Data records

########################################

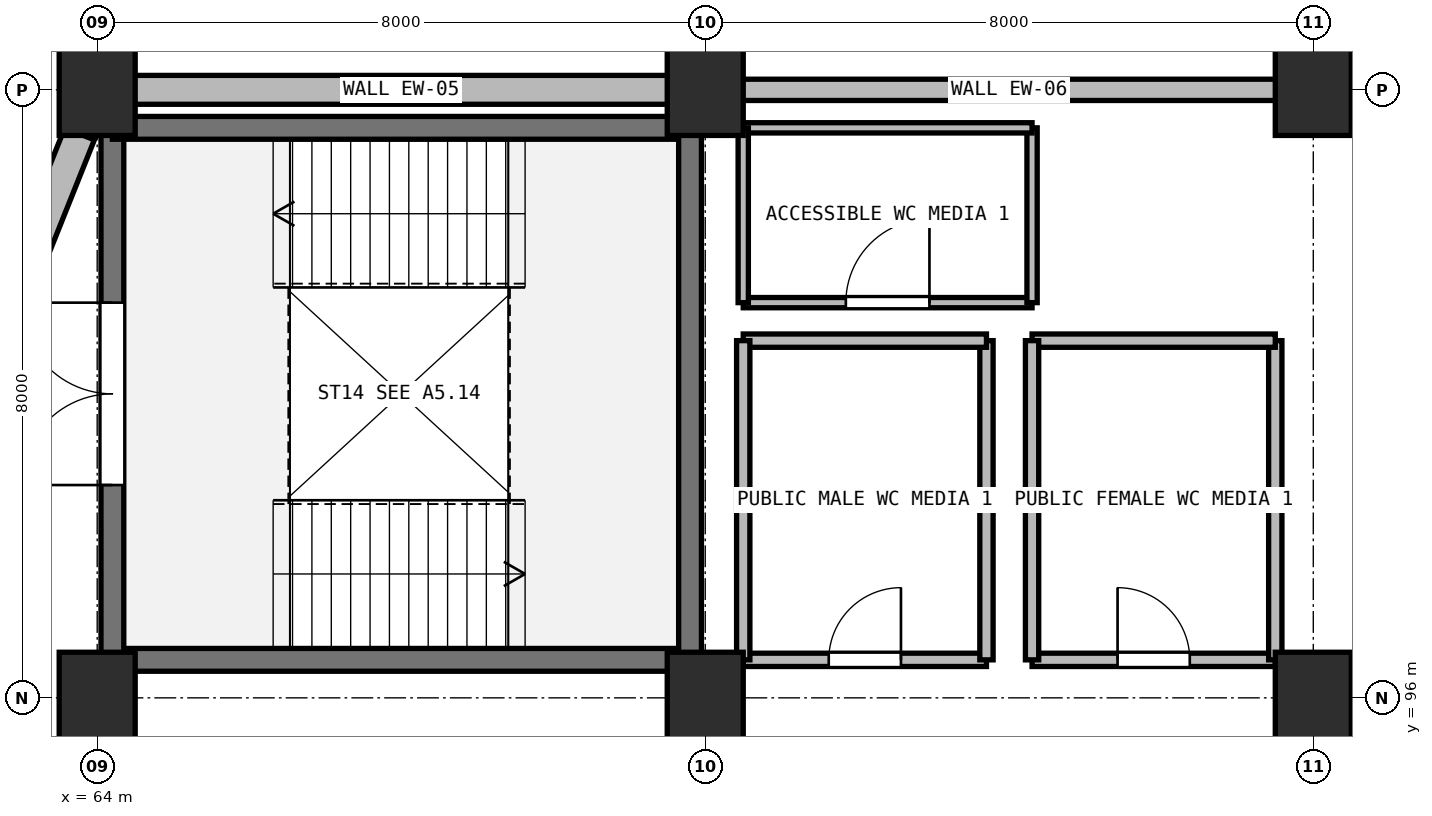
"""IFC4 building model, lengths in metres.
Left out: names, types, materials, properties, quantities, classifications, styles, units other than length and angle.
Written with IfcOpenShell. Run it as: python <this file> out.ifc"""

import sys

from ifc_helpers import new_model, si_unit, direction, frame, frame_2d, origin, origin_2d, place, context, subcontext, project, spatial, rectangle, extrude, element, fill, save


model = new_model("IFC4")
c1 = context("Model", 3, precision=1e-05, world=origin(), true_north=direction((0.0, 1.0)))
c2 = subcontext(c1, "Body", "Model", "MODEL_VIEW")
j1 = project(units=[si_unit("LENGTHUNIT", "METRE"), si_unit("PLANEANGLEUNIT", "RADIAN")], contexts=[c1])
p1 = place(None, origin())
s1 = spatial("IfcSite", under=j1, at=p1, CompositionType="ELEMENT")
p2 = place(p1, origin())
s2 = spatial("IfcBuilding", under=s1, at=p2, CompositionType="ELEMENT")
p3 = place(p2, frame((0.0, 0.0, 19.8)))
s3 = spatial("IfcBuildingStorey", under=s2, at=p3, CompositionType="ELEMENT", Elevation=19.8)
for number, where, z_axis, x_axis in (
    (1, (64.0, 96.0, 0.0), (0.0, 0.0, 1.0), (1.0, 0.0, 0.0)),
    (2, (64.0, 104.0, 0.0), (0.0, 0.0, 1.0), (1.0, 0.0, 0.0)),
    (3, (72.0, 96.0, 0.0), (0.0, 0.0, 1.0), (1.0, 0.0, 0.0)),
    (4, (72.0, 104.0, 0.0), (0.0, 0.0, 1.0), (1.0, 0.0, 0.0)),
    (5, (80.0, 96.0, 0.0), (0.0, 0.0, 1.0), (1.0, 0.0, 0.0)),
    (6, (80.0, 104.0, 0.0), (0.0, 0.0, 1.0), (1.0, 0.0, 0.0)),
):
    element("IfcColumn", number, at=place(p3, frame(where, z_axis=z_axis, x_axis=x_axis)), inside=s3, PredefinedType="COLUMN", context=c2, shape_type="SweptSolid", body=[
        extrude(rectangle(XDim=1.0, YDim=1.2, at=origin_2d()), origin(), (0.0, 0.0, 1.0), 4.8),
    ])
p4 = place(p3, frame((64.48, 104.0, 0.0), z_axis=(0.0, 0.0, 1.0), x_axis=(1.0, 0.0, 0.0)))
e7 = element("IfcWall", 7, at=p4, inside=s3, PredefinedType="SOLIDWALL", context=c2, shape_type="SweptSolid", body=[
    extrude(rectangle(XDim=7.04, YDim=0.38, at=frame_2d((3.52, 0.0))), origin(), (0.0, 0.0, 1.0), 3.6),
])
p5 = place(p3, frame((72.48, 104.0, 0.0), z_axis=(0.0, 0.0, 1.0), x_axis=(1.0, 0.0, 0.0)))
e8 = element("IfcWall", 8, at=p5, inside=s3, PredefinedType="SOLIDWALL", context=c2, shape_type="SweptSolid", body=[
    extrude(rectangle(XDim=7.04, YDim=0.28, at=frame_2d((3.52, 0.0))), origin(), (0.0, 0.0, 1.0), 3.6),
])
p6 = place(p3, frame((80.48, 104.0, 0.0), z_axis=(0.0, 0.0, 1.0), x_axis=(1.0, 0.0, 0.0)))
e9 = element("IfcWall", 9, at=p6, inside=s3, PredefinedType="SOLIDWALL", context=c2, shape_type="SweptSolid", body=[
    extrude(rectangle(XDim=7.04, YDim=0.29, at=frame_2d((3.52, 0.0))), origin(), (0.0, 0.0, 1.0), 3.6),
])
p7 = place(p3, frame((60.8, 96.0, 0.0), z_axis=(0.0, 0.0, 1.0), x_axis=(0.371395943584, 0.928474583976, 0.0)))
e10 = element("IfcWall", 10, at=p7, inside=s3, PredefinedType="SOLIDWALL", context=c2, shape_type="SweptSolid", body=[
    extrude(rectangle(XDim=7.991, YDim=0.42, at=frame_2d((3.996, 0.0))), origin(), (0.0, 0.0, 1.0), 3.45),
])
p8 = place(p3, frame((71.8, 96.5, 0.0), z_axis=(0.0, 0.0, 1.0), x_axis=(-1.0, 0.0, 0.0)))
e11 = element("IfcWall", 11, at=p8, inside=s3, PredefinedType="SHEAR", context=c2, shape_type="SweptSolid", body=[
    extrude(rectangle(XDim=7.6, YDim=0.3, at=frame_2d((3.8, 0.0))), origin(), (0.0, 0.0, 1.0), 4.5),
])
p9 = place(p3, frame((64.2, 96.5, 0.0), z_axis=(0.0, 0.0, 1.0), x_axis=(0.0, 1.0, 0.0)))
e12 = element("IfcWall", 12, at=p9, inside=s3, PredefinedType="SHEAR", context=c2, shape_type="SweptSolid", body=[
    extrude(rectangle(XDim=7.0, YDim=0.3, at=frame_2d((3.5, 0.0))), origin(), (0.0, 0.0, 1.0), 4.5),
])
p10 = place(p9, frame((2.3, 0.0, 0.0)))
e13 = element("IfcOpeningElement", 13, at=p10, cuts=e12, PredefinedType="OPENING", context=c2, shape_type="SweptSolid", body=[
    extrude(rectangle(XDim=2.4, YDim=2.2, at=frame_2d((1.2, 1.1))), frame((0.0, 0.16, 0.0), z_axis=(0.0, -1.0, 0.0), x_axis=(1.0, 0.0, 0.0)), (0.0, 0.0, 1.0), 0.32),
])
p11 = place(p3, frame((64.2, 103.5, 0.0), z_axis=(0.0, 0.0, 1.0), x_axis=(1.0, 0.0, 0.0)))
e14 = element("IfcWall", 14, at=p11, inside=s3, PredefinedType="SHEAR", context=c2, shape_type="SweptSolid", body=[
    extrude(rectangle(XDim=7.6, YDim=0.3, at=frame_2d((3.8, 0.0))), origin(), (0.0, 0.0, 1.0), 4.5),
])
p12 = place(p3, frame((71.8, 103.5, 0.0), z_axis=(0.0, 0.0, 1.0), x_axis=(0.0, -1.0, 0.0)))
e15 = element("IfcWall", 15, at=p12, inside=s3, PredefinedType="SHEAR", context=c2, shape_type="SweptSolid", body=[
    extrude(rectangle(XDim=7.0, YDim=0.3, at=frame_2d((3.5, 0.0))), origin(), (0.0, 0.0, 1.0), 4.5),
])
p13 = place(p3, frame((72.5, 96.5, 0.0), z_axis=(0.0, 0.0, 1.0), x_axis=(1.0, 0.0, 0.0)))
e16 = element("IfcWall", 16, at=p13, inside=s3, PredefinedType="PARTITIONING", context=c2, shape_type="SweptSolid", body=[
    extrude(rectangle(XDim=3.2, YDim=0.175, at=frame_2d((1.6, 0.0))), origin(), (0.0, 0.0, 1.0), 3.6),
])
p14 = place(p13, frame((1.125, 0.0, 0.0)))
e17 = element("IfcOpeningElement", 17, at=p14, cuts=e16, PredefinedType="OPENING", context=c2, shape_type="SweptSolid", body=[
    extrude(rectangle(XDim=0.95, YDim=2.15, at=frame_2d((0.475, 1.075))), frame((0.0, 0.098, 0.0), z_axis=(0.0, -1.0, 0.0), x_axis=(1.0, 0.0, 0.0)), (0.0, 0.0, 1.0), 0.195),
])
p15 = place(p3, frame((75.7, 96.5, 0.0), z_axis=(0.0, 0.0, 1.0), x_axis=(0.0, 1.0, 0.0)))
e18 = element("IfcWall", 18, at=p15, inside=s3, PredefinedType="PARTITIONING", context=c2, shape_type="SweptSolid", body=[
    extrude(rectangle(XDim=4.2, YDim=0.175, at=frame_2d((2.1, 0.0))), origin(), (0.0, 0.0, 1.0), 4.5),
])
p16 = place(p3, frame((75.7, 100.7, 0.0), z_axis=(0.0, 0.0, 1.0), x_axis=(-1.0, 0.0, 0.0)))
e19 = element("IfcWall", 19, at=p16, inside=s3, PredefinedType="PARTITIONING", context=c2, shape_type="SweptSolid", body=[
    extrude(rectangle(XDim=3.2, YDim=0.175, at=frame_2d((1.6, 0.0))), origin(), (0.0, 0.0, 1.0), 4.5),
])
p17 = place(p3, frame((72.5, 100.7, 0.0), z_axis=(0.0, 0.0, 1.0), x_axis=(0.0, -1.0, 0.0)))
e20 = element("IfcWall", 20, at=p17, inside=s3, PredefinedType="PARTITIONING", context=c2, shape_type="SweptSolid", body=[
    extrude(rectangle(XDim=4.2, YDim=0.175, at=frame_2d((2.1, 0.0))), origin(), (0.0, 0.0, 1.0), 3.6),
])
p18 = place(p3, frame((76.3, 96.5, 0.0), z_axis=(0.0, 0.0, 1.0), x_axis=(1.0, 0.0, 0.0)))
e21 = element("IfcWall", 21, at=p18, inside=s3, PredefinedType="PARTITIONING", context=c2, shape_type="SweptSolid", body=[
    extrude(rectangle(XDim=3.2, YDim=0.175, at=frame_2d((1.6, 0.0))), origin(), (0.0, 0.0, 1.0), 3.6),
])
p19 = place(p18, frame((1.125, 0.0, 0.0)))
e22 = element("IfcOpeningElement", 22, at=p19, cuts=e21, PredefinedType="OPENING", context=c2, shape_type="SweptSolid", body=[
    extrude(rectangle(XDim=0.95, YDim=2.15, at=frame_2d((0.475, 1.075))), frame((0.0, 0.098, 0.0), z_axis=(0.0, -1.0, 0.0), x_axis=(1.0, 0.0, 0.0)), (0.0, 0.0, 1.0), 0.195),
])
p20 = place(p3, frame((79.5, 96.5, 0.0), z_axis=(0.0, 0.0, 1.0), x_axis=(0.0, 1.0, 0.0)))
e23 = element("IfcWall", 23, at=p20, inside=s3, PredefinedType="PARTITIONING", context=c2, shape_type="SweptSolid", body=[
    extrude(rectangle(XDim=4.2, YDim=0.175, at=frame_2d((2.1, 0.0))), origin(), (0.0, 0.0, 1.0), 3.6),
])
p21 = place(p3, frame((79.5, 100.7, 0.0), z_axis=(0.0, 0.0, 1.0), x_axis=(-1.0, 0.0, 0.0)))
e24 = element("IfcWall", 24, at=p21, inside=s3, PredefinedType="PARTITIONING", context=c2, shape_type="SweptSolid", body=[
    extrude(rectangle(XDim=3.2, YDim=0.175, at=frame_2d((1.6, 0.0))), origin(), (0.0, 0.0, 1.0), 4.5),
])
p22 = place(p3, frame((76.3, 100.7, 0.0), z_axis=(0.0, 0.0, 1.0), x_axis=(0.0, -1.0, 0.0)))
e25 = element("IfcWall", 25, at=p22, inside=s3, PredefinedType="PARTITIONING", context=c2, shape_type="SweptSolid", body=[
    extrude(rectangle(XDim=4.2, YDim=0.175, at=frame_2d((2.1, 0.0))), origin(), (0.0, 0.0, 1.0), 4.5),
])
p23 = place(p3, frame((72.5, 101.2, 0.0), z_axis=(0.0, 0.0, 1.0), x_axis=(1.0, 0.0, 0.0)))
e26 = element("IfcWall", 26, at=p23, inside=s3, PredefinedType="PARTITIONING", context=c2, shape_type="SweptSolid", body=[
    extrude(rectangle(XDim=3.8, YDim=0.135, at=frame_2d((1.9, 0.0))), origin(), (0.0, 0.0, 1.0), 4.5),
])
p24 = place(p23, frame((1.35, 0.0, 0.0)))
e27 = element("IfcOpeningElement", 27, at=p24, cuts=e26, PredefinedType="OPENING", context=c2, shape_type="SweptSolid", body=[
    extrude(rectangle(XDim=1.1, YDim=2.15, at=frame_2d((0.55, 1.075))), frame((0.0, 0.078, 0.0), z_axis=(0.0, -1.0, 0.0), x_axis=(1.0, 0.0, 0.0)), (0.0, 0.0, 1.0), 0.155),
])
p25 = place(p3, frame((76.3, 101.2, 0.0), z_axis=(0.0, 0.0, 1.0), x_axis=(0.0, 1.0, 0.0)))
e28 = element("IfcWall", 28, at=p25, inside=s3, PredefinedType="PARTITIONING", context=c2, shape_type="SweptSolid", body=[
    extrude(rectangle(XDim=2.3, YDim=0.135, at=frame_2d((1.15, 0.0))), origin(), (0.0, 0.0, 1.0), 4.5),
])
p26 = place(p3, frame((76.3, 103.5, 0.0), z_axis=(0.0, 0.0, 1.0), x_axis=(-1.0, 0.0, 0.0)))
e29 = element("IfcWall", 29, at=p26, inside=s3, PredefinedType="PARTITIONING", context=c2, shape_type="SweptSolid", body=[
    extrude(rectangle(XDim=3.8, YDim=0.135, at=frame_2d((1.9, 0.0))), origin(), (0.0, 0.0, 1.0), 3.6),
])
p27 = place(p3, frame((72.5, 103.5, 0.0), z_axis=(0.0, 0.0, 1.0), x_axis=(0.0, -1.0, 0.0)))
e30 = element("IfcWall", 30, at=p27, inside=s3, PredefinedType="PARTITIONING", context=c2, shape_type="SweptSolid", body=[
    extrude(rectangle(XDim=2.3, YDim=0.135, at=frame_2d((1.15, 0.0))), origin(), (0.0, 0.0, 1.0), 3.6),
])
p28 = place(p10, frame((2.4, 0.0, 0.0), z_axis=(0.0, 0.0, 1.0), x_axis=(-1.0, 0.0, 0.0)))
e31 = element("IfcDoor", 31, at=p28, inside=s3, OperationType="DOUBLE_DOOR_SINGLE_SWING", PredefinedType="DOOR", context=c2, shape_type="SweptSolid", body=[
    extrude(rectangle(XDim=2.4, YDim=2.2, at=frame_2d((1.2, 1.1))), frame((0.0, 0.025, 0.0), z_axis=(0.0, -1.0, 0.0), x_axis=(1.0, 0.0, 0.0)), (0.0, 0.0, 1.0), 0.05),
])
fill(e13, e31)
p29 = place(p14, origin())
e32 = element("IfcDoor", 32, at=p29, inside=s3, OperationType="SINGLE_SWING_RIGHT", PredefinedType="DOOR", context=c2, shape_type="SweptSolid", body=[
    extrude(rectangle(XDim=0.95, YDim=2.15, at=frame_2d((0.475, 1.075))), frame((0.0, 0.025, 0.0), z_axis=(0.0, -1.0, 0.0), x_axis=(1.0, 0.0, 0.0)), (0.0, 0.0, 1.0), 0.05),
])
fill(e17, e32)
p30 = place(p19, origin())
e33 = element("IfcDoor", 33, at=p30, inside=s3, OperationType="SINGLE_SWING_LEFT", PredefinedType="DOOR", context=c2, shape_type="SweptSolid", body=[
    extrude(rectangle(XDim=0.95, YDim=2.15, at=frame_2d((0.475, 1.075))), frame((0.0, 0.025, 0.0), z_axis=(0.0, -1.0, 0.0), x_axis=(1.0, 0.0, 0.0)), (0.0, 0.0, 1.0), 0.05),
])
fill(e22, e33)
p31 = place(p24, origin())
e34 = element("IfcDoor", 34, at=p31, inside=s3, OperationType="SINGLE_SWING_RIGHT", PredefinedType="DOOR", context=c2, shape_type="SweptSolid", body=[
    extrude(rectangle(XDim=1.1, YDim=2.15, at=frame_2d((0.55, 1.075))), frame((0.0, 0.025, 0.0), z_axis=(0.0, -1.0, 0.0), x_axis=(1.0, 0.0, 0.0)), (0.0, 0.0, 1.0), 0.05),
])
fill(e27, e34)
save(model, sys.argv[1])

########################################

■ **EXERCISE DETAILS**: Copy out each line of the data where the string "IfcDoor" appears.

■ **RESULT FOR THIS TASK**:
e31 = element("IfcDoor", 31, at=p28, inside=s3, OperationType="DOUBLE_DOOR_SINGLE_SWING", PredefinedType="DOOR", context=c2, shape_type="SweptSolid", body=[
e32 = element("IfcDoor", 32, at=p29, inside=s3, OperationType="SINGLE_SWING_RIGHT", PredefinedType="DOOR", context=c2, shape_type="SweptSolid", body=[
e33 = element("IfcDoor", 33, at=p30, inside=s3, OperationType="SINGLE_SWING_LEFT", PredefinedType="DOOR", context=c2, shape_type="SweptSolid", body=[
e34 = element("IfcDoor", 34, at=p31, inside=s3, OperationType="SINGLE_SWING_RIGHT", PredefinedType="DOOR", context=c2, shape_type="SweptSolid", body=[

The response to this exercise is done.